▶ _WORK ITEM_: Look through the records and copy each line that has "WINDOW" in it.
====== PROVIDED RECORDS ======
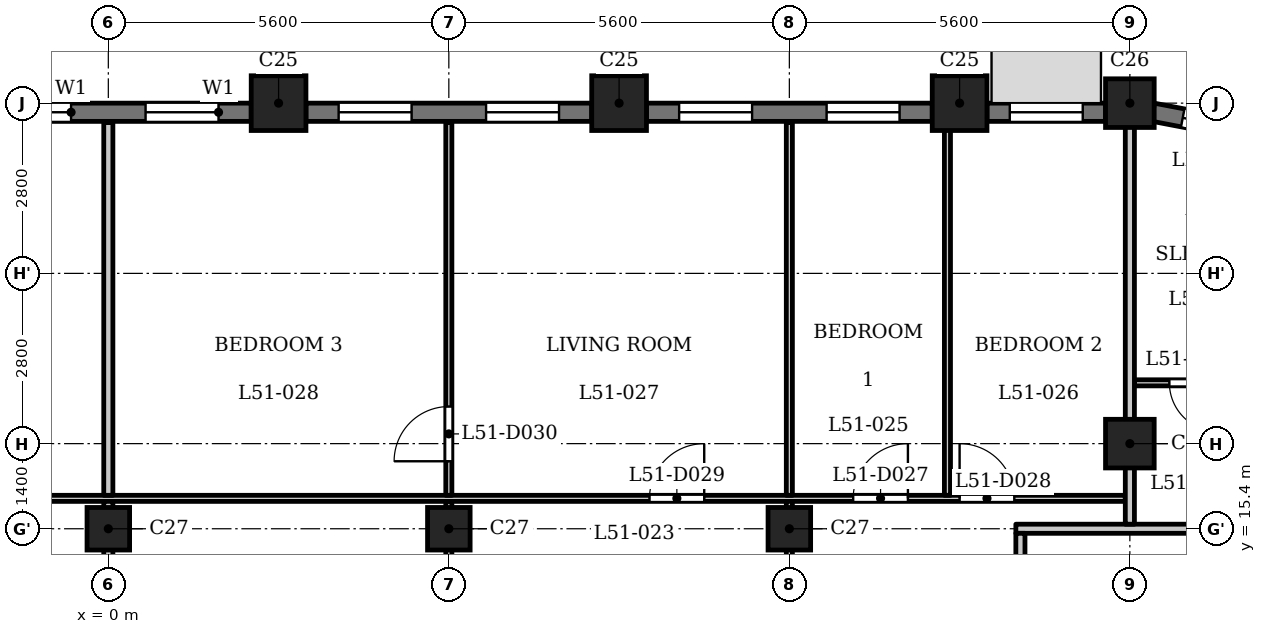
"""IFC4 building model, lengths in metres.
Left out: names, types, materials, properties, quantities, classifications, styles, units other than length and angle.
Written with IfcOpenShell. Run it as: python <this file> out.ifc"""

import sys

from ifc_helpers import new_model, si_unit, direction, frame, frame_2d, origin, origin_2d, place, context, subcontext, project, spatial, rectangle, extrude, element, fill, save


model = new_model("IFC4")
c1 = context("Model", 3, precision=1e-05, world=origin(), true_north=direction((0.0, 1.0)))
c2 = subcontext(c1, "Body", "Model", "MODEL_VIEW")
j1 = project(units=[si_unit("LENGTHUNIT", "METRE"), si_unit("PLANEANGLEUNIT", "RADIAN")], contexts=[c1])
p1 = place(None, origin())
s1 = spatial("IfcSite", under=j1, at=p1, CompositionType="ELEMENT")
p2 = place(p1, origin())
s2 = spatial("IfcBuilding", under=s1, at=p2, CompositionType="ELEMENT")
p3 = place(p2, frame((0.0, 0.0, 199.4)))
s3 = spatial("IfcBuildingStorey", under=s2, at=p3, CompositionType="ELEMENT", Elevation=199.4)
for number, where, z_axis, x_axis in (
    (1, (14.0, 22.4, 0.0), (0.0, 0.0, 1.0), (1.0, 0.0, 0.0)),
    (2, (8.4, 22.4, 0.0), (0.0, 0.0, 1.0), (1.0, 0.0, 0.0)),
    (3, (2.8, 22.4, 0.0), (0.0, 0.0, 1.0), (1.0, 0.0, 0.0)),
):
    element("IfcColumn", number, at=place(p3, frame(where, z_axis=z_axis, x_axis=x_axis)), inside=s3, PredefinedType="COLUMN", context=c2, shape_type="SweptSolid", body=[
        extrude(rectangle(XDim=0.9, YDim=0.9, at=origin_2d()), origin(), (0.0, 0.0, 1.0), 3.5),
    ])
for number, where, z_axis, x_axis in (
    (4, (16.8, 16.8, 0.0), (0.0, 0.0, 1.0), (1.0, 0.0, 0.0)),
    (5, (16.8, 22.4, 0.0), (0.0, 0.0, 1.0), (1.0, 0.0, 0.0)),
):
    element("IfcColumn", number, at=place(p3, frame(where, z_axis=z_axis, x_axis=x_axis)), inside=s3, PredefinedType="COLUMN", context=c2, shape_type="SweptSolid", body=[
        extrude(rectangle(XDim=0.8, YDim=0.8, at=origin_2d()), origin(), (0.0, 0.0, 1.0), 3.5),
    ])
for number, where, z_axis, x_axis in (
    (6, (0.0, 15.4, 0.0), (0.0, 0.0, 1.0), (1.0, 0.0, 0.0)),
    (7, (5.6, 15.4, 0.0), (0.0, 0.0, 1.0), (1.0, 0.0, 0.0)),
    (8, (11.2, 15.4, 0.0), (0.0, 0.0, 1.0), (1.0, 0.0, 0.0)),
):
    element("IfcColumn", number, at=place(p3, frame(where, z_axis=z_axis, x_axis=x_axis)), inside=s3, PredefinedType="COLUMN", context=c2, shape_type="SweptSolid", body=[
        extrude(rectangle(XDim=0.7, YDim=0.7, at=origin_2d()), origin(), (0.0, 0.0, 1.0), 3.5),
    ])
p4 = place(p3, frame((18.946, 21.914, 0.0), z_axis=(0.0, 0.0, 1.0), x_axis=(-0.98230529033, 0.187286722942, 0.0)))
e9 = element("IfcWall", 9, at=p4, inside=s3, PredefinedType="SOLIDWALL", context=c2, shape_type="SweptSolid", body=[
    extrude(rectangle(XDim=1.799, YDim=0.3, at=frame_2d((0.899, 0.0))), origin(), (0.0, 0.0, 1.0), 2.5),
])
p5 = place(p4, frame((0.5, 0.0, 0.6)))
e10 = element("IfcOpeningElement", 10, at=p5, cuts=e9, PredefinedType="OPENING", context=c2, shape_type="SweptSolid", body=[
    extrude(rectangle(XDim=0.8, YDim=1.55, at=frame_2d((0.4, 0.775))), frame((0.0, 0.16, 0.0), z_axis=(0.0, -1.0, 0.0), x_axis=(1.0, 0.0, 0.0)), (0.0, 0.0, 1.0), 0.32),
])
p6 = place(p3, frame((16.4, 22.25, 0.0), z_axis=(0.0, 0.0, 1.0), x_axis=(-1.0, 0.0, 0.0)))
e11 = element("IfcWall", 11, at=p6, inside=s3, PredefinedType="SOLIDWALL", context=c2, shape_type="SweptSolid", body=[
    extrude(rectangle(XDim=1.95, YDim=0.3, at=frame_2d((0.975, 0.0))), origin(), (0.0, 0.0, 1.0), 2.5),
])
p7 = place(p6, frame((0.375, 0.0, 0.6)))
e12 = element("IfcOpeningElement", 12, at=p7, cuts=e11, PredefinedType="OPENING", context=c2, shape_type="SweptSolid", body=[
    extrude(rectangle(XDim=1.2, YDim=1.55, at=frame_2d((0.6, 0.775))), frame((0.0, 0.16, 0.0), z_axis=(0.0, -1.0, 0.0), x_axis=(1.0, 0.0, 0.0)), (0.0, 0.0, 1.0), 0.32),
])
p8 = place(p3, frame((13.55, 22.25, 0.0), z_axis=(0.0, 0.0, 1.0), x_axis=(-1.0, 0.0, 0.0)))
e13 = element("IfcWall", 13, at=p8, inside=s3, PredefinedType="SOLIDWALL", context=c2, shape_type="SweptSolid", body=[
    extrude(rectangle(XDim=4.7, YDim=0.3, at=frame_2d((2.35, 0.0))), origin(), (0.0, 0.0, 1.0), 2.5),
])
p9 = place(p8, frame((0.538, 0.0, 0.6)))
e14 = element("IfcOpeningElement", 14, at=p9, cuts=e13, PredefinedType="OPENING", context=c2, shape_type="SweptSolid", body=[
    extrude(rectangle(XDim=1.2, YDim=1.55, at=frame_2d((0.6, 0.775))), frame((0.0, 0.16, 0.0), z_axis=(0.0, -1.0, 0.0), x_axis=(1.0, 0.0, 0.0)), (0.0, 0.0, 1.0), 0.32),
])
p10 = place(p8, frame((2.962, 0.0, 0.6)))
e15 = element("IfcOpeningElement", 15, at=p10, cuts=e13, PredefinedType="OPENING", context=c2, shape_type="SweptSolid", body=[
    extrude(rectangle(XDim=1.2, YDim=1.55, at=frame_2d((0.6, 0.775))), frame((0.0, 0.16, 0.0), z_axis=(0.0, -1.0, 0.0), x_axis=(1.0, 0.0, 0.0)), (0.0, 0.0, 1.0), 0.32),
])
p11 = place(p3, frame((7.95, 22.25, 0.0), z_axis=(0.0, 0.0, 1.0), x_axis=(-1.0, 0.0, 0.0)))
e16 = element("IfcWall", 16, at=p11, inside=s3, PredefinedType="SOLIDWALL", context=c2, shape_type="SweptSolid", body=[
    extrude(rectangle(XDim=4.7, YDim=0.3, at=frame_2d((2.35, 0.0))), origin(), (0.0, 0.0, 1.0), 2.5),
])
p12 = place(p11, frame((0.538, 0.0, 0.6)))
e17 = element("IfcOpeningElement", 17, at=p12, cuts=e16, PredefinedType="OPENING", context=c2, shape_type="SweptSolid", body=[
    extrude(rectangle(XDim=1.2, YDim=1.55, at=frame_2d((0.6, 0.775))), frame((0.0, 0.16, 0.0), z_axis=(0.0, -1.0, 0.0), x_axis=(1.0, 0.0, 0.0)), (0.0, 0.0, 1.0), 0.32),
])
p13 = place(p11, frame((2.962, 0.0, 0.6)))
e18 = element("IfcOpeningElement", 18, at=p13, cuts=e16, PredefinedType="OPENING", context=c2, shape_type="SweptSolid", body=[
    extrude(rectangle(XDim=1.2, YDim=1.55, at=frame_2d((0.6, 0.775))), frame((0.0, 0.16, 0.0), z_axis=(0.0, -1.0, 0.0), x_axis=(1.0, 0.0, 0.0)), (0.0, 0.0, 1.0), 0.32),
])
p14 = place(p3, frame((2.35, 22.25, 0.0), z_axis=(0.0, 0.0, 1.0), x_axis=(-1.0, 0.0, 0.0)))
e19 = element("IfcWall", 19, at=p14, inside=s3, PredefinedType="SOLIDWALL", context=c2, shape_type="SweptSolid", body=[
    extrude(rectangle(XDim=4.7, YDim=0.3, at=frame_2d((2.35, 0.0))), origin(), (0.0, 0.0, 1.0), 2.5),
])
p15 = place(p14, frame((0.538, 0.0, 0.6)))
e20 = element("IfcOpeningElement", 20, at=p15, cuts=e19, PredefinedType="OPENING", context=c2, shape_type="SweptSolid", body=[
    extrude(rectangle(XDim=1.2, YDim=1.55, at=frame_2d((0.6, 0.775))), frame((0.0, 0.16, 0.0), z_axis=(0.0, -1.0, 0.0), x_axis=(1.0, 0.0, 0.0)), (0.0, 0.0, 1.0), 0.32),
])
p16 = place(p14, frame((2.962, 0.0, 0.6)))
e21 = element("IfcOpeningElement", 21, at=p16, cuts=e19, PredefinedType="OPENING", context=c2, shape_type="SweptSolid", body=[
    extrude(rectangle(XDim=1.2, YDim=1.55, at=frame_2d((0.6, 0.775))), frame((0.0, 0.16, 0.0), z_axis=(0.0, -1.0, 0.0), x_axis=(1.0, 0.0, 0.0)), (0.0, 0.0, 1.0), 0.32),
])
p17 = place(p3, frame((14.925, 15.4, 0.0), z_axis=(0.0, 0.0, 1.0), x_axis=(1.0, 0.0, 0.0)))
e22 = element("IfcWall", 22, at=p17, inside=s3, PredefinedType="PARTITIONING", context=c2, shape_type="SweptSolid", body=[
    extrude(rectangle(XDim=9.759, YDim=0.15, at=frame_2d((4.879, 0.0))), origin(), (0.0, 0.0, 1.0), 3.2),
])
p18 = place(p17, frame((7.616, 0.0, 0.0)))
e23 = element("IfcOpeningElement", 23, at=p18, cuts=e22, PredefinedType="OPENING", context=c2, shape_type="SweptSolid", body=[
    extrude(rectangle(XDim=1.0, YDim=2.1, at=frame_2d((0.5, 1.05))), frame((0.0, 0.085, 0.0), z_axis=(0.0, -1.0, 0.0), x_axis=(1.0, 0.0, 0.0)), (0.0, 0.0, 1.0), 0.17),
])
p19 = place(p3, frame((-16.725, 15.9, 0.0), z_axis=(0.0, 0.0, 1.0), x_axis=(1.0, 0.0, 0.0)))
e24 = element("IfcWall", 24, at=p19, inside=s3, PredefinedType="PARTITIONING", context=c2, shape_type="SweptSolid", body=[
    extrude(rectangle(XDim=33.45, YDim=0.1, at=frame_2d((16.725, 0.0))), origin(), (0.0, 0.0, 1.0), 3.2),
])
p20 = place(p19, frame((1.875, 0.0, 0.0)))
e25 = element("IfcOpeningElement", 25, at=p20, cuts=e24, PredefinedType="OPENING", context=c2, shape_type="SweptSolid", body=[
    extrude(rectangle(XDim=0.9, YDim=2.1, at=frame_2d((0.45, 1.05))), frame((0.0, 0.06, 0.0), z_axis=(0.0, -1.0, 0.0), x_axis=(1.0, 0.0, 0.0)), (0.0, 0.0, 1.0), 0.12),
])
p21 = place(p19, frame((3.975, 0.0, 0.0)))
e26 = element("IfcOpeningElement", 26, at=p21, cuts=e24, PredefinedType="OPENING", context=c2, shape_type="SweptSolid", body=[
    extrude(rectangle(XDim=0.9, YDim=2.1, at=frame_2d((0.45, 1.05))), frame((0.0, 0.06, 0.0), z_axis=(0.0, -1.0, 0.0), x_axis=(1.0, 0.0, 0.0)), (0.0, 0.0, 1.0), 0.12),
])
p22 = place(p19, frame((6.825, 0.0, 0.0)))
e27 = element("IfcOpeningElement", 27, at=p22, cuts=e24, PredefinedType="OPENING", context=c2, shape_type="SweptSolid", body=[
    extrude(rectangle(XDim=0.9, YDim=2.1, at=frame_2d((0.45, 1.05))), frame((0.0, 0.06, 0.0), z_axis=(0.0, -1.0, 0.0), x_axis=(1.0, 0.0, 0.0)), (0.0, 0.0, 1.0), 0.12),
])
p23 = place(p19, frame((28.975, 0.0, 0.0)))
e28 = element("IfcOpeningElement", 28, at=p23, cuts=e24, PredefinedType="OPENING", context=c2, shape_type="SweptSolid", body=[
    extrude(rectangle(XDim=0.9, YDim=2.1, at=frame_2d((0.45, 1.05))), frame((0.0, 0.06, 0.0), z_axis=(0.0, -1.0, 0.0), x_axis=(1.0, 0.0, 0.0)), (0.0, 0.0, 1.0), 0.12),
])
p24 = place(p19, frame((30.725, 0.0, 0.0)))
e29 = element("IfcOpeningElement", 29, at=p24, cuts=e24, PredefinedType="OPENING", context=c2, shape_type="SweptSolid", body=[
    extrude(rectangle(XDim=0.9, YDim=2.1, at=frame_2d((0.45, 1.05))), frame((0.0, 0.06, 0.0), z_axis=(0.0, -1.0, 0.0), x_axis=(1.0, 0.0, 0.0)), (0.0, 0.0, 1.0), 0.12),
])
p25 = place(p19, frame((25.625, 0.0, 0.0)))
e30 = element("IfcOpeningElement", 30, at=p25, cuts=e24, PredefinedType="OPENING", context=c2, shape_type="SweptSolid", body=[
    extrude(rectangle(XDim=0.9, YDim=2.1, at=frame_2d((0.45, 1.05))), frame((0.0, 0.06, 0.0), z_axis=(0.0, -1.0, 0.0), x_axis=(1.0, 0.0, 0.0)), (0.0, 0.0, 1.0), 0.12),
])
p26 = place(p3, frame((16.875, 17.8, 0.0), z_axis=(0.0, 0.0, 1.0), x_axis=(1.0, 0.0, 0.0)))
e31 = element("IfcWall", 31, at=p26, inside=s3, PredefinedType="PARTITIONING", context=c2, shape_type="SweptSolid", body=[
    extrude(rectangle(XDim=6.719, YDim=0.1, at=frame_2d((3.359, 0.0))), origin(), (0.0, 0.0, 1.0), 3.2),
])
p27 = place(p26, frame((0.575, 0.0, 0.0)))
e32 = element("IfcOpeningElement", 32, at=p27, cuts=e31, PredefinedType="OPENING", context=c2, shape_type="SweptSolid", body=[
    extrude(rectangle(XDim=0.8, YDim=2.1, at=frame_2d((0.4, 1.05))), frame((0.0, 0.06, 0.0), z_axis=(0.0, -1.0, 0.0), x_axis=(1.0, 0.0, 0.0)), (0.0, 0.0, 1.0), 0.12),
])
p28 = place(p26, frame((4.693, 0.0, 0.0)))
e33 = element("IfcOpeningElement", 33, at=p28, cuts=e31, PredefinedType="OPENING", context=c2, shape_type="SweptSolid", body=[
    extrude(rectangle(XDim=0.9, YDim=2.1, at=frame_2d((0.45, 1.05))), frame((0.0, 0.06, 0.0), z_axis=(0.0, -1.0, 0.0), x_axis=(1.0, 0.0, 0.0)), (0.0, 0.0, 1.0), 0.12),
])
p29 = place(p3, frame((0.0, 13.275, 0.0), z_axis=(0.0, 0.0, 1.0), x_axis=(0.0, 1.0, 0.0)))
e34 = element("IfcWall", 34, at=p29, inside=s3, PredefinedType="PARTITIONING", context=c2, shape_type="SweptSolid", body=[
    extrude(rectangle(XDim=2.575, YDim=0.15, at=frame_2d((1.288, 0.0))), origin(), (0.0, 0.0, 1.0), 3.2),
])
p30 = place(p3, frame((0.0, 15.95, 0.0), z_axis=(0.0, 0.0, 1.0), x_axis=(0.0, 1.0, 0.0)))
e35 = element("IfcWall", 35, at=p30, inside=s3, PredefinedType="PARTITIONING", context=c2, shape_type="SweptSolid", body=[
    extrude(rectangle(XDim=6.13, YDim=0.15, at=frame_2d((3.065, 0.0))), origin(), (0.0, 0.0, 1.0), 3.2),
])
p31 = place(p3, frame((5.6, 13.275, 0.0), z_axis=(0.0, 0.0, 1.0), x_axis=(0.0, 1.0, 0.0)))
e36 = element("IfcWall", 36, at=p31, inside=s3, PredefinedType="PARTITIONING", context=c2, shape_type="SweptSolid", body=[
    extrude(rectangle(XDim=2.575, YDim=0.1, at=frame_2d((1.288, 0.0))), origin(), (0.0, 0.0, 1.0), 3.2),
])
p32 = place(p31, frame((0.425, 0.0, 0.0)))
e37 = element("IfcOpeningElement", 37, at=p32, cuts=e36, PredefinedType="OPENING", context=c2, shape_type="SweptSolid", body=[
    extrude(rectangle(XDim=0.8, YDim=2.1, at=frame_2d((0.4, 1.05))), frame((0.0, 0.06, 0.0), z_axis=(0.0, -1.0, 0.0), x_axis=(1.0, 0.0, 0.0)), (0.0, 0.0, 1.0), 0.12),
])
p33 = place(p3, frame((5.6, 15.95, 0.0), z_axis=(0.0, 0.0, 1.0), x_axis=(0.0, 1.0, 0.0)))
e38 = element("IfcWall", 38, at=p33, inside=s3, PredefinedType="PARTITIONING", context=c2, shape_type="SweptSolid", body=[
    extrude(rectangle(XDim=6.13, YDim=0.1, at=frame_2d((3.065, 0.0))), origin(), (0.0, 0.0, 1.0), 3.2),
])
p34 = place(p33, frame((0.56, 0.0, 0.0)))
e39 = element("IfcOpeningElement", 39, at=p34, cuts=e38, PredefinedType="OPENING", context=c2, shape_type="SweptSolid", body=[
    extrude(rectangle(XDim=0.9, YDim=2.1, at=frame_2d((0.45, 1.05))), frame((0.0, 0.06, 0.0), z_axis=(0.0, -1.0, 0.0), x_axis=(1.0, 0.0, 0.0)), (0.0, 0.0, 1.0), 0.12),
])
p35 = place(p3, frame((11.2, 13.275, 0.0), z_axis=(0.0, 0.0, 1.0), x_axis=(0.0, 1.0, 0.0)))
e40 = element("IfcWall", 40, at=p35, inside=s3, PredefinedType="PARTITIONING", context=c2, shape_type="SweptSolid", body=[
    extrude(rectangle(XDim=2.575, YDim=0.1, at=frame_2d((1.288, 0.0))), origin(), (0.0, 0.0, 1.0), 3.2),
])
p36 = place(p35, frame((0.575, 0.0, 0.0)))
e41 = element("IfcOpeningElement", 41, at=p36, cuts=e40, PredefinedType="OPENING", context=c2, shape_type="SweptSolid", body=[
    extrude(rectangle(XDim=0.9, YDim=2.1, at=frame_2d((0.45, 1.05))), frame((0.0, 0.06, 0.0), z_axis=(0.0, -1.0, 0.0), x_axis=(1.0, 0.0, 0.0)), (0.0, 0.0, 1.0), 0.12),
])
p37 = place(p3, frame((11.2, 15.95, 0.0), z_axis=(0.0, 0.0, 1.0), x_axis=(0.0, 1.0, 0.0)))
e42 = element("IfcWall", 42, at=p37, inside=s3, PredefinedType="PARTITIONING", context=c2, shape_type="SweptSolid", body=[
    extrude(rectangle(XDim=6.13, YDim=0.1, at=frame_2d((3.065, 0.0))), origin(), (0.0, 0.0, 1.0), 3.2),
])
p38 = place(p3, frame((13.8, 15.95, 0.0), z_axis=(0.0, 0.0, 1.0), x_axis=(0.0, 1.0, 0.0)))
e43 = element("IfcWall", 43, at=p38, inside=s3, PredefinedType="PARTITIONING", context=c2, shape_type="SweptSolid", body=[
    extrude(rectangle(XDim=6.88, YDim=0.1, at=frame_2d((3.44, 0.0))), origin(), (0.0, 0.0, 1.0), 3.2),
])
p39 = place(p3, frame((15.0, 13.275, 0.0), z_axis=(0.0, 0.0, 1.0), x_axis=(0.0, 1.0, 0.0)))
e44 = element("IfcWall", 44, at=p39, inside=s3, PredefinedType="PARTITIONING", context=c2, shape_type="SweptSolid", body=[
    extrude(rectangle(XDim=2.05, YDim=0.15, at=frame_2d((1.025, 0.0))), origin(), (0.0, 0.0, 1.0), 3.2),
])
p40 = place(p39, frame((0.476, 0.0, 0.0)))
e45 = element("IfcOpeningElement", 45, at=p40, cuts=e44, PredefinedType="OPENING", context=c2, shape_type="SweptSolid", body=[
    extrude(rectangle(XDim=1.0, YDim=2.1, at=frame_2d((0.5, 1.05))), frame((0.0, 0.085, 0.0), z_axis=(0.0, -1.0, 0.0), x_axis=(1.0, 0.0, 0.0)), (0.0, 0.0, 1.0), 0.17),
])
p41 = place(p3, frame((16.8, 15.475, 0.0), z_axis=(0.0, 0.0, 1.0), x_axis=(0.0, 1.0, 0.0)))
e46 = element("IfcWall", 46, at=p41, inside=s3, PredefinedType="PARTITIONING", context=c2, shape_type="SweptSolid", body=[
    extrude(rectangle(XDim=6.835, YDim=0.15, at=frame_2d((3.417, 0.0))), origin(), (0.0, 0.0, 1.0), 2.55),
])
p42 = place(p23, origin())
e47 = element("IfcDoor", 47, at=p42, inside=s3, OperationType="SINGLE_SWING_LEFT", PredefinedType="DOOR", context=c2, shape_type="SweptSolid", body=[
    extrude(rectangle(XDim=0.9, YDim=2.1, at=frame_2d((0.45, 1.05))), frame((0.0, 0.025, 0.0), z_axis=(0.0, -1.0, 0.0), x_axis=(1.0, 0.0, 0.0)), (0.0, 0.0, 1.0), 0.05),
])
fill(e28, e47)
p43 = place(p24, origin())
e48 = element("IfcDoor", 48, at=p43, inside=s3, OperationType="SINGLE_SWING_RIGHT", PredefinedType="DOOR", context=c2, shape_type="SweptSolid", body=[
    extrude(rectangle(XDim=0.9, YDim=2.1, at=frame_2d((0.45, 1.05))), frame((0.0, 0.025, 0.0), z_axis=(0.0, -1.0, 0.0), x_axis=(1.0, 0.0, 0.0)), (0.0, 0.0, 1.0), 0.05),
])
fill(e29, e48)
p44 = place(p25, origin())
e49 = element("IfcDoor", 49, at=p44, inside=s3, OperationType="SINGLE_SWING_LEFT", PredefinedType="DOOR", context=c2, shape_type="SweptSolid", body=[
    extrude(rectangle(XDim=0.9, YDim=2.1, at=frame_2d((0.45, 1.05))), frame((0.0, 0.025, 0.0), z_axis=(0.0, -1.0, 0.0), x_axis=(1.0, 0.0, 0.0)), (0.0, 0.0, 1.0), 0.05),
])
fill(e30, e49)
p45 = place(p34, origin())
e50 = element("IfcDoor", 50, at=p45, inside=s3, OperationType="SINGLE_SWING_RIGHT", PredefinedType="DOOR", context=c2, shape_type="SweptSolid", body=[
    extrude(rectangle(XDim=0.9, YDim=2.1, at=frame_2d((0.45, 1.05))), frame((0.0, 0.025, 0.0), z_axis=(0.0, -1.0, 0.0), x_axis=(1.0, 0.0, 0.0)), (0.0, 0.0, 1.0), 0.05),
])
fill(e39, e50)
p46 = place(p27, origin())
e51 = element("IfcDoor", 51, at=p46, inside=s3, OperationType="SINGLE_SWING_RIGHT", PredefinedType="DOOR", context=c2, shape_type="SweptSolid", body=[
    extrude(rectangle(XDim=0.8, YDim=2.1, at=frame_2d((0.4, 1.05))), frame((0.0, 0.025, 0.0), z_axis=(0.0, -1.0, 0.0), x_axis=(1.0, 0.0, 0.0)), (0.0, 0.0, 1.0), 0.05),
])
fill(e32, e51)
p47 = place(p5, origin())
e52 = element("IfcWindow", 52, at=p47, inside=s3, PartitioningType="SINGLE_PANEL", PredefinedType="WINDOW", context=c2, shape_type="SweptSolid", body=[
    extrude(rectangle(XDim=0.8, YDim=1.55, at=frame_2d((0.4, 0.775))), frame((0.0, 0.03, 0.0), z_axis=(0.0, -1.0, 0.0), x_axis=(1.0, 0.0, 0.0)), (0.0, 0.0, 1.0), 0.06),
])
fill(e10, e52)
p48 = place(p7, origin())
e53 = element("IfcWindow", 53, at=p48, inside=s3, PartitioningType="SINGLE_PANEL", PredefinedType="WINDOW", context=c2, shape_type="SweptSolid", body=[
    extrude(rectangle(XDim=1.2, YDim=1.55, at=frame_2d((0.6, 0.775))), frame((0.0, 0.03, 0.0), z_axis=(0.0, -1.0, 0.0), x_axis=(1.0, 0.0, 0.0)), (0.0, 0.0, 1.0), 0.06),
])
fill(e12, e53)
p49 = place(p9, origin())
======
▶ _EXERCISE ANSWER_:
e52 = element("IfcWindow", 52, at=p47, inside=s3, PartitioningType="SINGLE_PANEL", PredefinedType="WINDOW", context=c2, shape_type="SweptSolid", body=[
e53 = element("IfcWindow", 53, at=p48, inside=s3, PartitioningType="SINGLE_PANEL", PredefinedType="WINDOW", context=c2, shape_type="SweptSolid", body=[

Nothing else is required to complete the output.